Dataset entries
┌──

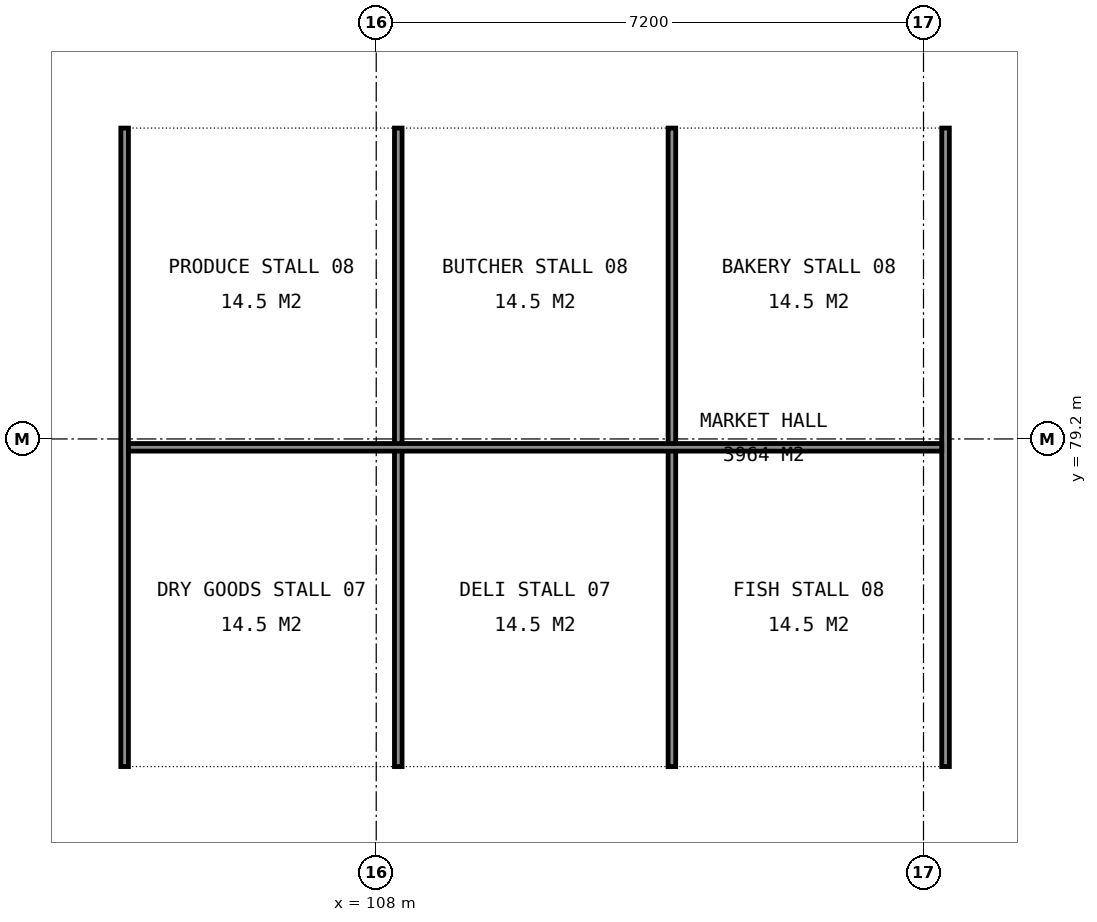
"""IFC4 building model, lengths in metres.
Left out: names, types, materials, properties, quantities, classifications, styles, units other than length and angle.
Written with IfcOpenShell. Run it as: python <this file> out.ifc"""

import sys

from ifc_helpers import new_model, si_unit, direction, frame, frame_2d, origin, place, context, subcontext, project, spatial, rectangle, extrude, element, save


model = new_model("IFC4")
c1 = context("Model", 3, precision=1e-05, world=origin(), true_north=direction((0.0, 1.0)))
c2 = subcontext(c1, "Body", "Model", "MODEL_VIEW")
j1 = project(units=[si_unit("LENGTHUNIT", "METRE"), si_unit("PLANEANGLEUNIT", "RADIAN")], contexts=[c1])
p1 = place(None, origin())
s1 = spatial("IfcSite", under=j1, at=p1, CompositionType="ELEMENT")
p2 = place(p1, origin())
s2 = spatial("IfcBuilding", under=s1, at=p2, CompositionType="ELEMENT")
p3 = place(p2, origin())
s3 = spatial("IfcBuildingStorey", under=s2, at=p3, CompositionType="ELEMENT", Elevation=0.0)
for number, where, z_axis, x_axis in (
    (1, (104.69, 74.89, 0.0), (0.0, 0.0, 1.0), (0.0, 1.0, 0.0)),
    (2, (108.29, 74.89, 0.0), (0.0, 0.0, 1.0), (0.0, 1.0, 0.0)),
    (3, (111.89, 74.89, 0.0), (0.0, 0.0, 1.0), (0.0, 1.0, 0.0)),
    (4, (115.49, 74.89, 0.0), (0.0, 0.0, 1.0), (0.0, 1.0, 0.0)),
):
    element("IfcWall", number, at=place(p3, frame(where, z_axis=z_axis, x_axis=x_axis)), inside=s3, PredefinedType="PARTITIONING", context=c2, shape_type="SweptSolid", body=[
        extrude(rectangle(XDim=8.4, YDim=0.1, at=frame_2d((4.2, 0.0))), origin(), (0.0, 0.0, 1.0), 1.2),
    ])
p4 = place(p3, frame((104.74, 79.09, 0.0), z_axis=(0.0, 0.0, 1.0), x_axis=(1.0, 0.0, 0.0)))
e5 = element("IfcWall", 5, at=p4, inside=s3, PredefinedType="PARTITIONING", context=c2, shape_type="SweptSolid", body=[
    extrude(rectangle(XDim=10.7, YDim=0.1, at=frame_2d((5.35, 0.0))), origin(), (0.0, 0.0, 1.0), 1.2),
])
save(model, sys.argv[1])

└──

● **About this exercise**:
Transcribe all the records above word for word, without their images.

● **Your response**:
"""IFC4 building model, lengths in metres.
Left out: names, types, materials, properties, quantities, classifications, styles, units other than length and angle.
Written with IfcOpenShell. Run it as: python <this file> out.ifc"""

import sys

from ifc_helpers import new_model, si_unit, direction, frame, frame_2d, origin, place, context, subcontext, project, spatial, rectangle, extrude, element, save


model = new_model("IFC4")
c1 = context("Model", 3, precision=1e-05, world=origin(), true_north=direction((0.0, 1.0)))
c2 = subcontext(c1, "Body", "Model", "MODEL_VIEW")
j1 = project(units=[si_unit("LENGTHUNIT", "METRE"), si_unit("PLANEANGLEUNIT", "RADIAN")], contexts=[c1])
p1 = place(None, origin())
s1 = spatial("IfcSite", under=j1, at=p1, CompositionType="ELEMENT")
p2 = place(p1, origin())
s2 = spatial("IfcBuilding", under=s1, at=p2, CompositionType="ELEMENT")
p3 = place(p2, origin())
s3 = spatial("IfcBuildingStorey", under=s2, at=p3, CompositionType="ELEMENT", Elevation=0.0)
for number, where, z_axis, x_axis in (
    (1, (104.69, 74.89, 0.0), (0.0, 0.0, 1.0), (0.0, 1.0, 0.0)),
    (2, (108.29, 74.89, 0.0), (0.0, 0.0, 1.0), (0.0, 1.0, 0.0)),
    (3, (111.89, 74.89, 0.0), (0.0, 0.0, 1.0), (0.0, 1.0, 0.0)),
    (4, (115.49, 74.89, 0.0), (0.0, 0.0, 1.0), (0.0, 1.0, 0.0)),
):
    element("IfcWall", number, at=place(p3, frame(where, z_axis=z_axis, x_axis=x_axis)), inside=s3, PredefinedType="PARTITIONING", context=c2, shape_type="SweptSolid", body=[
        extrude(rectangle(XDim=8.4, YDim=0.1, at=frame_2d((4.2, 0.0))), origin(), (0.0, 0.0, 1.0), 1.2),
    ])
p4 = place(p3, frame((104.74, 79.09, 0.0), z_axis=(0.0, 0.0, 1.0), x_axis=(1.0, 0.0, 0.0)))
e5 = element("IfcWall", 5, at=p4, inside=s3, PredefinedType="PARTITIONING", context=c2, shape_type="SweptSolid", body=[
    extrude(rectangle(XDim=10.7, YDim=0.1, at=frame_2d((5.35, 0.0))), origin(), (0.0, 0.0, 1.0), 1.2),
])
save(model, sys.argv[1])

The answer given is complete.